** Opening Input for this task block **

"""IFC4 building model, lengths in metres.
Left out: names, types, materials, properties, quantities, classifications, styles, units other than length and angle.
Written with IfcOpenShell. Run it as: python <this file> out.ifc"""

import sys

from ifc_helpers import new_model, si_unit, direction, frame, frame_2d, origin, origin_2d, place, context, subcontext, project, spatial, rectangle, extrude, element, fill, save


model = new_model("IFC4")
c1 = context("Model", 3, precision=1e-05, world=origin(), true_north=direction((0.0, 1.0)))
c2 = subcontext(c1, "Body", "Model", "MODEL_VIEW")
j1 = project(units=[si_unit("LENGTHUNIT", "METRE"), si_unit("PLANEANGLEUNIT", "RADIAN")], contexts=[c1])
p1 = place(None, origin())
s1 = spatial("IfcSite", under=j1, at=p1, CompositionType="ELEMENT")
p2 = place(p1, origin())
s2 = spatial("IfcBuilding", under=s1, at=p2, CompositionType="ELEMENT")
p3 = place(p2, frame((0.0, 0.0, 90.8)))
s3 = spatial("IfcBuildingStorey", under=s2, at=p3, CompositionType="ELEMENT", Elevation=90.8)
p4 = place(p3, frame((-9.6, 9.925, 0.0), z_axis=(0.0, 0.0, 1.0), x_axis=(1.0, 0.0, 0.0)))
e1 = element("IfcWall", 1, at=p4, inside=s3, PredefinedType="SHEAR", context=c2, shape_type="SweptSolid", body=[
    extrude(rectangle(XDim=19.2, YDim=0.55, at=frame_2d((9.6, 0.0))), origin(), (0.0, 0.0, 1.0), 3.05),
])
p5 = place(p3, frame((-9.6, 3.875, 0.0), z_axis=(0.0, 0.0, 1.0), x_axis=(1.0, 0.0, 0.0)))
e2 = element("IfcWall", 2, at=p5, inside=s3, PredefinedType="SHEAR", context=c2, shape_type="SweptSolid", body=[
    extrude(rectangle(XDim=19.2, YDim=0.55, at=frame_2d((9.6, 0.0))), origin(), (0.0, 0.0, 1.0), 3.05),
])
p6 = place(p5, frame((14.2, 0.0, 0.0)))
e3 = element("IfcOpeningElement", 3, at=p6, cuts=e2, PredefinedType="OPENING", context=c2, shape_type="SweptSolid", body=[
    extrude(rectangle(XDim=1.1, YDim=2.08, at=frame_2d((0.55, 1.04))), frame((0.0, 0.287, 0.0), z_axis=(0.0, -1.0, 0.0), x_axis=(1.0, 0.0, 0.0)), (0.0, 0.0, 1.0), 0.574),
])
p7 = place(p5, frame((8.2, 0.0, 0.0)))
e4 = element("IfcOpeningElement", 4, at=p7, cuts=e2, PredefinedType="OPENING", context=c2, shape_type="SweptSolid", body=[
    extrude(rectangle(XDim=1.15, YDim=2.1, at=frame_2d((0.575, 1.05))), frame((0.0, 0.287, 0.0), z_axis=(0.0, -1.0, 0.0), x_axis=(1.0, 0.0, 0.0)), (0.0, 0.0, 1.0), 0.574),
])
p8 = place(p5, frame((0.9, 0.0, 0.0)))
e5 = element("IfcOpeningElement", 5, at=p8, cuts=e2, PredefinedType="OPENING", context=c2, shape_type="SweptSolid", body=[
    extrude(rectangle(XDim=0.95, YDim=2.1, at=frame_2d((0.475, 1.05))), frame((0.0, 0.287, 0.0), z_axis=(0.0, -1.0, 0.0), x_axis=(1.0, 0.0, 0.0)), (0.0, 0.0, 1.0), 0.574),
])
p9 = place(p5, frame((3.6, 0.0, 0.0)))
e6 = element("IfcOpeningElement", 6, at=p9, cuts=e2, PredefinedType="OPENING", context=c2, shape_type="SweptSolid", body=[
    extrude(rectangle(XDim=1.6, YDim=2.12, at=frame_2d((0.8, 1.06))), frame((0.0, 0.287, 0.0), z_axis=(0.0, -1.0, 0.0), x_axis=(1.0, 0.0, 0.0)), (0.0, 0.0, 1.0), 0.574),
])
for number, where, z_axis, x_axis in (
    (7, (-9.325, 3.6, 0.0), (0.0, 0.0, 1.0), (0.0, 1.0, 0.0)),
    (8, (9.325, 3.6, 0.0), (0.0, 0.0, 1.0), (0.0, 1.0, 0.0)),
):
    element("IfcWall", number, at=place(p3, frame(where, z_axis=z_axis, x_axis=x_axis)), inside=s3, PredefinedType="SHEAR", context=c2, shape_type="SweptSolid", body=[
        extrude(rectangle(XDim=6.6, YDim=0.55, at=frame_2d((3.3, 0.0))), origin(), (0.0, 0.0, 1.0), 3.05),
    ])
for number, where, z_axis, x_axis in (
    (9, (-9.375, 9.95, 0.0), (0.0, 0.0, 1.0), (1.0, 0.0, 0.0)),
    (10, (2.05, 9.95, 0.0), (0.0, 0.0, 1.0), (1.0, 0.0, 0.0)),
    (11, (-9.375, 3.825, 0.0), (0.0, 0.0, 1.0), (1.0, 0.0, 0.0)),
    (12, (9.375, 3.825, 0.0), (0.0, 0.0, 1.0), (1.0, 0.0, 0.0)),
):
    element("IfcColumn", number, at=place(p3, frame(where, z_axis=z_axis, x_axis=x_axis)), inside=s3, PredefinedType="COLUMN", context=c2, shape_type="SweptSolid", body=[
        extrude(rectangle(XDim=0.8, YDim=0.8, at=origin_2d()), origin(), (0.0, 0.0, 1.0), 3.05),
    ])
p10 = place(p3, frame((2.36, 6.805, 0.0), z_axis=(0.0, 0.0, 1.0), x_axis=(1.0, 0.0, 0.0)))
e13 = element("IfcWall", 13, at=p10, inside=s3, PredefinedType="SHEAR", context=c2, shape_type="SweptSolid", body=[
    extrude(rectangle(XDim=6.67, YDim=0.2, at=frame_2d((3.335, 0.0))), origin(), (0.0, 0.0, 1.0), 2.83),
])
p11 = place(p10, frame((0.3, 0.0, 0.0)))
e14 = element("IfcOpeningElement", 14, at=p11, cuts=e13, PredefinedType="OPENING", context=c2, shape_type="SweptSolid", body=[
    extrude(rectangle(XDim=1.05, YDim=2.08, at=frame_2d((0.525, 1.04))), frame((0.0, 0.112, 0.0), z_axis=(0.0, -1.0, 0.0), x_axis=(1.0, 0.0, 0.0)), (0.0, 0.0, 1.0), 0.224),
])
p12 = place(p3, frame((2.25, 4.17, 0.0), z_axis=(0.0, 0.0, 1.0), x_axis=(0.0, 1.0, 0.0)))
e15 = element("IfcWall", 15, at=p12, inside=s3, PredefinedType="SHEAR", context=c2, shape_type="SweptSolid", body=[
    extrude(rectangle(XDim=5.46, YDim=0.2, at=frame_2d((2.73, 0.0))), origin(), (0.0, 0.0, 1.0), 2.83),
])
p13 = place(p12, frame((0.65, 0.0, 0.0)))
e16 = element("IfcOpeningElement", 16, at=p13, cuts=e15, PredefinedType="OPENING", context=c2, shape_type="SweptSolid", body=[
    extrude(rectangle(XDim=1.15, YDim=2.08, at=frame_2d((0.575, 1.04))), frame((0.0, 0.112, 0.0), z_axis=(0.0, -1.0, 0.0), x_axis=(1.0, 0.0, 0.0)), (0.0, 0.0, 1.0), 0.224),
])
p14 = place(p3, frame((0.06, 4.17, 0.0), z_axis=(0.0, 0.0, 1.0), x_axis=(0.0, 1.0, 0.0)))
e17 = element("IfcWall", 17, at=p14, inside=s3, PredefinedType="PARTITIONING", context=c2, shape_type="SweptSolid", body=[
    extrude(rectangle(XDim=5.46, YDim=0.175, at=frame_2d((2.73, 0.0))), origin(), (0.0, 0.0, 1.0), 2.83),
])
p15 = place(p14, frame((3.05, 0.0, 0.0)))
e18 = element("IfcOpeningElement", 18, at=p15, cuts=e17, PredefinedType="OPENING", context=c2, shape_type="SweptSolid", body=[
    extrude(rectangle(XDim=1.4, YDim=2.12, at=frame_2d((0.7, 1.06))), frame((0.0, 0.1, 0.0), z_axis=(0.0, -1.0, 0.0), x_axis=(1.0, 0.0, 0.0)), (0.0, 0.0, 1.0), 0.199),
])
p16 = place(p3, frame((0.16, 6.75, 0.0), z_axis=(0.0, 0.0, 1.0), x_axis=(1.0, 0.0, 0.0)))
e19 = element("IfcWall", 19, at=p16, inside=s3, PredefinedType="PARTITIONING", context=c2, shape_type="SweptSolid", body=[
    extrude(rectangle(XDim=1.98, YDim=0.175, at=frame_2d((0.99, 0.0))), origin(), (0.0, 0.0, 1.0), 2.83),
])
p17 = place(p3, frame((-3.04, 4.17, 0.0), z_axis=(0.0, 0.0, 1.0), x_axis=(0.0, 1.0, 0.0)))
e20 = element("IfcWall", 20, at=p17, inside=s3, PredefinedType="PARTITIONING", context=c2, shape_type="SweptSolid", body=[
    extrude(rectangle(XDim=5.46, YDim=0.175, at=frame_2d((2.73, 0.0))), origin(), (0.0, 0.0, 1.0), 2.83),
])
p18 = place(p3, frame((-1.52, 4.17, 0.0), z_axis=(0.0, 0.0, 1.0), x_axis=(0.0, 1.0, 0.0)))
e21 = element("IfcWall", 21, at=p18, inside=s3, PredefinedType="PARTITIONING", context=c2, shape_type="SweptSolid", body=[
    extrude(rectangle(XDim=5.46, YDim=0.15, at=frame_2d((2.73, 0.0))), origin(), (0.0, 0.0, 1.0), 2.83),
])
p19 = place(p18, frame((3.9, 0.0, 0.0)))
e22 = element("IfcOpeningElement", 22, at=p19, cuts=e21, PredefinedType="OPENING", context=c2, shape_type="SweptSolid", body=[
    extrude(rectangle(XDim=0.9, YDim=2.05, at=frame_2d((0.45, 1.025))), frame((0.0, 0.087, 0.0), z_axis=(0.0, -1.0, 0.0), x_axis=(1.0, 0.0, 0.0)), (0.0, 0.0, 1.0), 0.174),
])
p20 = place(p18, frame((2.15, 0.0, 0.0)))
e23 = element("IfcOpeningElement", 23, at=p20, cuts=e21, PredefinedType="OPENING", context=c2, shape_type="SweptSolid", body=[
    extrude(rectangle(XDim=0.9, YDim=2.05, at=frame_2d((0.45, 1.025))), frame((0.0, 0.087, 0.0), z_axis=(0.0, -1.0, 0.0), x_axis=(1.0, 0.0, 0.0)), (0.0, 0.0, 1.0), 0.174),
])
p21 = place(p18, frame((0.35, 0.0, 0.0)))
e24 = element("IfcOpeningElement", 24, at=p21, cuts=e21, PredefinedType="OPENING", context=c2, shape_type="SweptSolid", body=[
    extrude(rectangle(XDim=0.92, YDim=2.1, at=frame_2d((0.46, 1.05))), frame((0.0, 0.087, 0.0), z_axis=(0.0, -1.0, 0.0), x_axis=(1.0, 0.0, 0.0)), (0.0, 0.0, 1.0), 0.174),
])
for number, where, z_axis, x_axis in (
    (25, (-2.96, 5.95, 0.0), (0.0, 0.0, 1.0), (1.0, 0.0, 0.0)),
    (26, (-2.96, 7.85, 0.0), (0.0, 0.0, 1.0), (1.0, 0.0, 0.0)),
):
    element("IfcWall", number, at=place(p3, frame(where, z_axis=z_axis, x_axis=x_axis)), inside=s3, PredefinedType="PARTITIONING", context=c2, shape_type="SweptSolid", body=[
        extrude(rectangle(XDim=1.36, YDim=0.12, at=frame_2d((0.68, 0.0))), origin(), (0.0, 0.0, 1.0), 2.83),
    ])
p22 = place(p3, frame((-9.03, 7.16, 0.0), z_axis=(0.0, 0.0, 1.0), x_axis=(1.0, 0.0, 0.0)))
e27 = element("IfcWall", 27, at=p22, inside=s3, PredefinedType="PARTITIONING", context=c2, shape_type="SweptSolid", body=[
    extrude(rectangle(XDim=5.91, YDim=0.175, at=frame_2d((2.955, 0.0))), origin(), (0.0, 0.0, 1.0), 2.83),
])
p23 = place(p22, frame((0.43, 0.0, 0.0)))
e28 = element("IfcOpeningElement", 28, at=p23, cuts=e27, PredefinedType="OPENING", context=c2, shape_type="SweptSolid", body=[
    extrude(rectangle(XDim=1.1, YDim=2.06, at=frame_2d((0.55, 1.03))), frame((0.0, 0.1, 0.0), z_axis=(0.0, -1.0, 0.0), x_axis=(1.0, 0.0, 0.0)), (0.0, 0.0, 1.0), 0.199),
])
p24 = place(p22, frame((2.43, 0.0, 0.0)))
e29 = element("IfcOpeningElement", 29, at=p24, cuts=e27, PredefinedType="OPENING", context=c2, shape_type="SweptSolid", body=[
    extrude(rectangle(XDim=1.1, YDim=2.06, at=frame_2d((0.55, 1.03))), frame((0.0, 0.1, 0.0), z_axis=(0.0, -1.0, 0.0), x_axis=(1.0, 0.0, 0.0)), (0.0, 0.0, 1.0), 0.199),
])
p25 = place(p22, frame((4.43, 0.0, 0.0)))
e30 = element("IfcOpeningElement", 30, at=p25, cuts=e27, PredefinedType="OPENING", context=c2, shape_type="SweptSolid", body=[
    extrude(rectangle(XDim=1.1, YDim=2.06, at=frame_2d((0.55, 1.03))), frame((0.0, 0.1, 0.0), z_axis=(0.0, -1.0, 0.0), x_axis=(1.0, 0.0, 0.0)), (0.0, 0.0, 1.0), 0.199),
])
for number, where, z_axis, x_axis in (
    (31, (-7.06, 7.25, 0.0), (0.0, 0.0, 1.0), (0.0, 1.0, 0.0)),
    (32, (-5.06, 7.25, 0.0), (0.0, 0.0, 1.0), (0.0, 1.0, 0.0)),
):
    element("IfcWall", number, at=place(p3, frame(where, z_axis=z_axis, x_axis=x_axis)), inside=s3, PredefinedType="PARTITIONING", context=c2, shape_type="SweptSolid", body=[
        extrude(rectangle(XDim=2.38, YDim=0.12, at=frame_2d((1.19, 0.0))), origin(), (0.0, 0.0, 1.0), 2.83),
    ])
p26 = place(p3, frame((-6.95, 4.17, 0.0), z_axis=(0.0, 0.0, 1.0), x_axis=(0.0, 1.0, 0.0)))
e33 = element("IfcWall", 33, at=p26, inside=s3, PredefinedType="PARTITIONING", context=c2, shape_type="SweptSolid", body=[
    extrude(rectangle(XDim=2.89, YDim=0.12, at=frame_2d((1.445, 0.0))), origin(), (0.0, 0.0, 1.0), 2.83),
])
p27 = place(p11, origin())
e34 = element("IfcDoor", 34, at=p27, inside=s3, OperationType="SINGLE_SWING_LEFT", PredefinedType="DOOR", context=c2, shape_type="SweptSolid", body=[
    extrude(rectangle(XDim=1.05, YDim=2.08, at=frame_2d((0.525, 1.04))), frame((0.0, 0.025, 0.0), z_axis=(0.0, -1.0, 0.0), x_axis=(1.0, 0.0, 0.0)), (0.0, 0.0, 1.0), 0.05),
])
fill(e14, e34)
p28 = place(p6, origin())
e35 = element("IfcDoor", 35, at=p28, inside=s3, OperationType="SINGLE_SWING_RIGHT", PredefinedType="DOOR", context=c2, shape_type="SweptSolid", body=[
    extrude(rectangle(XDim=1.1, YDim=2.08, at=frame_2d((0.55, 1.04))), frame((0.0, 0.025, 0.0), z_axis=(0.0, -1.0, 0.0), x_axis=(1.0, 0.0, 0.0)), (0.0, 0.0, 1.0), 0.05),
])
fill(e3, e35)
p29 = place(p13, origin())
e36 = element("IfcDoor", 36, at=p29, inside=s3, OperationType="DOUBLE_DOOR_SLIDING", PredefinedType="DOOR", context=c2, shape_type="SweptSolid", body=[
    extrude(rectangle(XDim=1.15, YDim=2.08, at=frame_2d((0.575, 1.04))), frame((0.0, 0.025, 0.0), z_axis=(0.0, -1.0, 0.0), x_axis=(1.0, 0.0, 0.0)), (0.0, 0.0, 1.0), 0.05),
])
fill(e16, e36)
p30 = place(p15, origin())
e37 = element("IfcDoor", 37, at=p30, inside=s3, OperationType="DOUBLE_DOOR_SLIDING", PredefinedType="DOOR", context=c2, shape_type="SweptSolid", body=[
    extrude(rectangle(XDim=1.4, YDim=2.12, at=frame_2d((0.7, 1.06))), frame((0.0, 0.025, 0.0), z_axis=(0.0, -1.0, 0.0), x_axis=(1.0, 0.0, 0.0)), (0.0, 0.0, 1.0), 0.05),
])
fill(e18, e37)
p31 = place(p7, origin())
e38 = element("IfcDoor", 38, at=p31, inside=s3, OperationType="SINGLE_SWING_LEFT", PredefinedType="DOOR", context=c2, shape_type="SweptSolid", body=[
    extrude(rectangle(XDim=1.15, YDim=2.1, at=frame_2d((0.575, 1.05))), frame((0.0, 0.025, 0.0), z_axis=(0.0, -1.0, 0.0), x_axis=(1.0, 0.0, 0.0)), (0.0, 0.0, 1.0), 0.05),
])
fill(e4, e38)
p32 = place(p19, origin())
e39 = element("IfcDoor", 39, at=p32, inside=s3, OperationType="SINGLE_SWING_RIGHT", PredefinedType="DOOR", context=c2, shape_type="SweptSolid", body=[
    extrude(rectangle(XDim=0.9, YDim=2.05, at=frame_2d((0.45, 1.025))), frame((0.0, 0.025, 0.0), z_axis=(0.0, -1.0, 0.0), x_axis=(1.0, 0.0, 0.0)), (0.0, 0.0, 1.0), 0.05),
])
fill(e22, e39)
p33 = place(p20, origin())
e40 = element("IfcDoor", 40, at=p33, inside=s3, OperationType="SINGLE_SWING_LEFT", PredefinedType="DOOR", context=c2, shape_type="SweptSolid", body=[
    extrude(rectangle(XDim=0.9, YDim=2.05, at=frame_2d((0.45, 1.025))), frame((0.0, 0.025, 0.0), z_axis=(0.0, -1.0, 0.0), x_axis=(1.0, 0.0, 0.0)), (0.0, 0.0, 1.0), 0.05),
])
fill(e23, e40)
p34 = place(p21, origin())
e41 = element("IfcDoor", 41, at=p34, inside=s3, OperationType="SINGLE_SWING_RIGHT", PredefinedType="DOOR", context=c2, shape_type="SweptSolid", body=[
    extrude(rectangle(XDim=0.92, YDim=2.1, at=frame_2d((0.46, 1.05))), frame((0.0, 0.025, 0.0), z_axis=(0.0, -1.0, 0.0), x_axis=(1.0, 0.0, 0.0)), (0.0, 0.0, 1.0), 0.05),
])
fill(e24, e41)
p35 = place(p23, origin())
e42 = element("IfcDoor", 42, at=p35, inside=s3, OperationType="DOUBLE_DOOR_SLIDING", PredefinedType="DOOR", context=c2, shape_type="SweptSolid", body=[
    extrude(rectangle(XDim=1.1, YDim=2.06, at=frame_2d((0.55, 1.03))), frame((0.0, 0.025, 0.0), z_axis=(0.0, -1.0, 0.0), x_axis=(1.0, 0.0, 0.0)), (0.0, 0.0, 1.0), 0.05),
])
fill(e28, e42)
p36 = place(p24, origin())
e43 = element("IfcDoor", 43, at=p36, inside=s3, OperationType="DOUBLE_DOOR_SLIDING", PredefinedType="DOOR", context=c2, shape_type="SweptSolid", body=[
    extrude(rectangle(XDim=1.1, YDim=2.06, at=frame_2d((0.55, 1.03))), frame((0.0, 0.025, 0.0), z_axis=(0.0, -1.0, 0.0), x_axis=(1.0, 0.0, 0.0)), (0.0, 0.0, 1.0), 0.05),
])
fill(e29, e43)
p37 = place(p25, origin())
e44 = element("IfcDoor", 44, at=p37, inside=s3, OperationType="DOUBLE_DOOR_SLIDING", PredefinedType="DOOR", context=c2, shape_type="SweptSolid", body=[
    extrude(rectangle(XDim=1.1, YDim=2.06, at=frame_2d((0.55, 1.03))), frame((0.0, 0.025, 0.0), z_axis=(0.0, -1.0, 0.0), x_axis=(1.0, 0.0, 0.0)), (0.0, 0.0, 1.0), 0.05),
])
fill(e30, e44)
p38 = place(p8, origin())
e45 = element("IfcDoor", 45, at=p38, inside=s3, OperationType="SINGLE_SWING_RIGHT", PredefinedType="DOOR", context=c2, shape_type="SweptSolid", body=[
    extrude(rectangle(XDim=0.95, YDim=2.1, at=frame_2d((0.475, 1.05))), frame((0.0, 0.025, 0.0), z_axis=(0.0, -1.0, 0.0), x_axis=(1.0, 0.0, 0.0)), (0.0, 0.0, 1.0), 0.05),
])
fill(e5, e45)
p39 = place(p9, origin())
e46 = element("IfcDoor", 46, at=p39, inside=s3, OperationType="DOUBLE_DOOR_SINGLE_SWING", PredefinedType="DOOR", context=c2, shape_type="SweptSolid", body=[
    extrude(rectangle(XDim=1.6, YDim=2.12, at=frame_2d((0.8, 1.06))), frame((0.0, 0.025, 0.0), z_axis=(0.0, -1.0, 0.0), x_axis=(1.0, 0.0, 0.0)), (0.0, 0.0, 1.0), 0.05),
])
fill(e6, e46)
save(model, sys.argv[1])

** Closing Input for this task block **

To do —
Give only the number of lines above holding "under".

Expected output —
3